» **EXTRACTED RECORDS**:
________

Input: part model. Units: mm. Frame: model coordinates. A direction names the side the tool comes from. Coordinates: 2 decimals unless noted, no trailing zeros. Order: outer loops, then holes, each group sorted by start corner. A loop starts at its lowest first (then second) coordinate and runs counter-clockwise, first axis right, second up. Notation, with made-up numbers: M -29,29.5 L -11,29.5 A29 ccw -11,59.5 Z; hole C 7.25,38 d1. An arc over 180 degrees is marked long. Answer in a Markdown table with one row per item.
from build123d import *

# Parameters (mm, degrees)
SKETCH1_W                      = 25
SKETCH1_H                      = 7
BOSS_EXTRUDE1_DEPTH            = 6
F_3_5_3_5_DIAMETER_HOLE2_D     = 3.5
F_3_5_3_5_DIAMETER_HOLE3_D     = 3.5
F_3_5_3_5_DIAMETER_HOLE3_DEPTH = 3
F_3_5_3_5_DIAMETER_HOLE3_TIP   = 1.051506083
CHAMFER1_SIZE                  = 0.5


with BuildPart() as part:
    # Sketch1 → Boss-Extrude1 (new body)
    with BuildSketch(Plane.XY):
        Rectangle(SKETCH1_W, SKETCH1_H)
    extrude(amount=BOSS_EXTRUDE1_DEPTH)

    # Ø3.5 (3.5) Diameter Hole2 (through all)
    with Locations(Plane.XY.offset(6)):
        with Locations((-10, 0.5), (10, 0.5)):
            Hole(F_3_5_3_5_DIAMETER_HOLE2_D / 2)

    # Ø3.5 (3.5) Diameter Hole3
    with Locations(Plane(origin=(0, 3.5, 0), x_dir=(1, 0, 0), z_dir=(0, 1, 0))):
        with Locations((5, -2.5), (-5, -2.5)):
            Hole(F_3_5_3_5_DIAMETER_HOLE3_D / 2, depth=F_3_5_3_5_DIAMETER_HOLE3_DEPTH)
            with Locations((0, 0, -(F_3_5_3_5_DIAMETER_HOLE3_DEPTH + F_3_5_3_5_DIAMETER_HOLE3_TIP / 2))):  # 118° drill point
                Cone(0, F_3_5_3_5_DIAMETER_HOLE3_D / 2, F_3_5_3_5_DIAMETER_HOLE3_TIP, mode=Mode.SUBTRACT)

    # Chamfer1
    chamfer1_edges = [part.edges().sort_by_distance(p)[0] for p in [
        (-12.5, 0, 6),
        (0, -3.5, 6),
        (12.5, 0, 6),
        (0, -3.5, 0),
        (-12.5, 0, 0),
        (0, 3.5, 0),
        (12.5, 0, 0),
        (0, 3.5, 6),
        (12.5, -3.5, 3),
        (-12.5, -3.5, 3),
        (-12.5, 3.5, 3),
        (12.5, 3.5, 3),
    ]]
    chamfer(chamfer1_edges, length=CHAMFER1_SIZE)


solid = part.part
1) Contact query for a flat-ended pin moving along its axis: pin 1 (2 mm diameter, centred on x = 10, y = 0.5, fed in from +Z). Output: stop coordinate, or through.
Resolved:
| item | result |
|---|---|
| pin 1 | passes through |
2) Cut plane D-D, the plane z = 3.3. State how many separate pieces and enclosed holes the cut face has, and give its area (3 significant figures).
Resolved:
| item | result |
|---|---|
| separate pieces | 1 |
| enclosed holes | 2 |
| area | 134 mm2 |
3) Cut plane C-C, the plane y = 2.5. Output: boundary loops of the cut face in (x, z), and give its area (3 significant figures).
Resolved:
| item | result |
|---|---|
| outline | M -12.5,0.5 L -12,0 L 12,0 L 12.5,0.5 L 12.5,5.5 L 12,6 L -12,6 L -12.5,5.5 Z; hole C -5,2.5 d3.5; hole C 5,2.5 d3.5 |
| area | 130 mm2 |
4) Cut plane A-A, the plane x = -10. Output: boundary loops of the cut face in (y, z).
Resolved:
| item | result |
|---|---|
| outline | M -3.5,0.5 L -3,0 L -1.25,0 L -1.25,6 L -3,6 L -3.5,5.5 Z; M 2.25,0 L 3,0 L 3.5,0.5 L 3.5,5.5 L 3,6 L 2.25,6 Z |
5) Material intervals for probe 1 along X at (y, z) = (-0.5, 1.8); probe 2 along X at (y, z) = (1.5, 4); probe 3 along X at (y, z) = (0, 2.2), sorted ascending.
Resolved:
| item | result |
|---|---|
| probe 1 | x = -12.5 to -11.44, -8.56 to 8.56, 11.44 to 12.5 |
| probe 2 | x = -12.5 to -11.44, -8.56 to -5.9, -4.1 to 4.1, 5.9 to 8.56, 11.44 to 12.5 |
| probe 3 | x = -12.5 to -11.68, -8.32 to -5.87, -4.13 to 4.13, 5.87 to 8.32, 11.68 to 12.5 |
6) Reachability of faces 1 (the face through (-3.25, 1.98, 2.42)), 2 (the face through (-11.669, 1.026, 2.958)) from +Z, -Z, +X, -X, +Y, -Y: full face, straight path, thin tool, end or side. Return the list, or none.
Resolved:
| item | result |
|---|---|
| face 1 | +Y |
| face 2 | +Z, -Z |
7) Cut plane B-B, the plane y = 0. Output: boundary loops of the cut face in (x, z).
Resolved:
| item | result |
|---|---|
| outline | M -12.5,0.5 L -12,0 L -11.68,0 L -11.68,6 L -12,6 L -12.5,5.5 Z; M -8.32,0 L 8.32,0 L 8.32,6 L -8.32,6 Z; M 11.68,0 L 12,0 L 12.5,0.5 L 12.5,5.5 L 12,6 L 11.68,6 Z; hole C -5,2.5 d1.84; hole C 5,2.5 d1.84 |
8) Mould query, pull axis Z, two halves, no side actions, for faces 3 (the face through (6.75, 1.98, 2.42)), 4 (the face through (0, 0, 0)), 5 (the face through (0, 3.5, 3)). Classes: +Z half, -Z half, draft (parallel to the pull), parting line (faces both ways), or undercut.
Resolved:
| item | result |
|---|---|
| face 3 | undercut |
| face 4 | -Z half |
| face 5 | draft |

________

» **EXERCISE DIRECTIONS**: Repeat all of the entries above exactly.

» **WORKED SOLUTION**:
Input: part model. Units: mm. Frame: model coordinates. A direction names the side the tool comes from. Coordinates: 2 decimals unless noted, no trailing zeros. Order: outer loops, then holes, each group sorted by start corner. A loop starts at its lowest first (then second) coordinate and runs counter-clockwise, first axis right, second up. Notation, with made-up numbers: M -29,29.5 L -11,29.5 A29 ccw -11,59.5 Z; hole C 7.25,38 d1. An arc over 180 degrees is marked long. Answer in a Markdown table with one row per item.
from build123d import *

# Parameters (mm, degrees)
SKETCH1_W                      = 25
SKETCH1_H                      = 7
BOSS_EXTRUDE1_DEPTH            = 6
F_3_5_3_5_DIAMETER_HOLE2_D     = 3.5
F_3_5_3_5_DIAMETER_HOLE3_D     = 3.5
F_3_5_3_5_DIAMETER_HOLE3_DEPTH = 3
F_3_5_3_5_DIAMETER_HOLE3_TIP   = 1.051506083
CHAMFER1_SIZE                  = 0.5


with BuildPart() as part:
    # Sketch1 → Boss-Extrude1 (new body)
    with BuildSketch(Plane.XY):
        Rectangle(SKETCH1_W, SKETCH1_H)
    extrude(amount=BOSS_EXTRUDE1_DEPTH)

    # Ø3.5 (3.5) Diameter Hole2 (through all)
    with Locations(Plane.XY.offset(6)):
        with Locations((-10, 0.5), (10, 0.5)):
            Hole(F_3_5_3_5_DIAMETER_HOLE2_D / 2)

    # Ø3.5 (3.5) Diameter Hole3
    with Locations(Plane(origin=(0, 3.5, 0), x_dir=(1, 0, 0), z_dir=(0, 1, 0))):
        with Locations((5, -2.5), (-5, -2.5)):
            Hole(F_3_5_3_5_DIAMETER_HOLE3_D / 2, depth=F_3_5_3_5_DIAMETER_HOLE3_DEPTH)
            with Locations((0, 0, -(F_3_5_3_5_DIAMETER_HOLE3_DEPTH + F_3_5_3_5_DIAMETER_HOLE3_TIP / 2))):  # 118° drill point
                Cone(0, F_3_5_3_5_DIAMETER_HOLE3_D / 2, F_3_5_3_5_DIAMETER_HOLE3_TIP, mode=Mode.SUBTRACT)

    # Chamfer1
    chamfer1_edges = [part.edges().sort_by_distance(p)[0] for p in [
        (-12.5, 0, 6),
        (0, -3.5, 6),
        (12.5, 0, 6),
        (0, -3.5, 0),
        (-12.5, 0, 0),
        (0, 3.5, 0),
        (12.5, 0, 0),
        (0, 3.5, 6),
        (12.5, -3.5, 3),
        (-12.5, -3.5, 3),
        (-12.5, 3.5, 3),
        (12.5, 3.5, 3),
    ]]
    chamfer(chamfer1_edges, length=CHAMFER1_SIZE)


solid = part.part
1) Contact query for a flat-ended pin moving along its axis: pin 1 (2 mm diameter, centred on x = 10, y = 0.5, fed in from +Z). Output: stop coordinate, or through.
Resolved:
| item | result |
|---|---|
| pin 1 | passes through |
2) Cut plane D-D, the plane z = 3.3. State how many separate pieces and enclosed holes the cut face has, and give its area (3 significant figures).
Resolved:
| item | result |
|---|---|
| separate pieces | 1 |
| enclosed holes | 2 |
| area | 134 mm2 |
3) Cut plane C-C, the plane y = 2.5. Output: boundary loops of the cut face in (x, z), and give its area (3 significant figures).
Resolved:
| item | result |
|---|---|
| outline | M -12.5,0.5 L -12,0 L 12,0 L 12.5,0.5 L 12.5,5.5 L 12,6 L -12,6 L -12.5,5.5 Z; hole C -5,2.5 d3.5; hole C 5,2.5 d3.5 |
| area | 130 mm2 |
4) Cut plane A-A, the plane x = -10. Output: boundary loops of the cut face in (y, z).
Resolved:
| item | result |
|---|---|
| outline | M -3.5,0.5 L -3,0 L -1.25,0 L -1.25,6 L -3,6 L -3.5,5.5 Z; M 2.25,0 L 3,0 L 3.5,0.5 L 3.5,5.5 L 3,6 L 2.25,6 Z |
5) Material intervals for probe 1 along X at (y, z) = (-0.5, 1.8); probe 2 along X at (y, z) = (1.5, 4); probe 3 along X at (y, z) = (0, 2.2), sorted ascending.
Resolved:
| item | result |
|---|---|
| probe 1 | x = -12.5 to -11.44, -8.56 to 8.56, 11.44 to 12.5 |
| probe 2 | x = -12.5 to -11.44, -8.56 to -5.9, -4.1 to 4.1, 5.9 to 8.56, 11.44 to 12.5 |
| probe 3 | x = -12.5 to -11.68, -8.32 to -5.87, -4.13 to 4.13, 5.87 to 8.32, 11.68 to 12.5 |
6) Reachability of faces 1 (the face through (-3.25, 1.98, 2.42)), 2 (the face through (-11.669, 1.026, 2.958)) from +Z, -Z, +X, -X, +Y, -Y: full face, straight path, thin tool, end or side. Return the list, or none.
Resolved:
| item | result |
|---|---|
| face 1 | +Y |
| face 2 | +Z, -Z |
7) Cut plane B-B, the plane y = 0. Output: boundary loops of the cut face in (x, z).
Resolved:
| item | result |
|---|---|
| outline | M -12.5,0.5 L -12,0 L -11.68,0 L -11.68,6 L -12,6 L -12.5,5.5 Z; M -8.32,0 L 8.32,0 L 8.32,6 L -8.32,6 Z; M 11.68,0 L 12,0 L 12.5,0.5 L 12.5,5.5 L 12,6 L 11.68,6 Z; hole C -5,2.5 d1.84; hole C 5,2.5 d1.84 |
8) Mould query, pull axis Z, two halves, no side actions, for faces 3 (the face through (6.75, 1.98, 2.42)), 4 (the face through (0, 0, 0)), 5 (the face through (0, 3.5, 3)). Classes: +Z half, -Z half, draft (parallel to the pull), parting line (faces both ways), or undercut.
Resolved:
| item | result |
|---|---|
| face 3 | undercut |
| face 4 | -Z half |
| face 5 | draft |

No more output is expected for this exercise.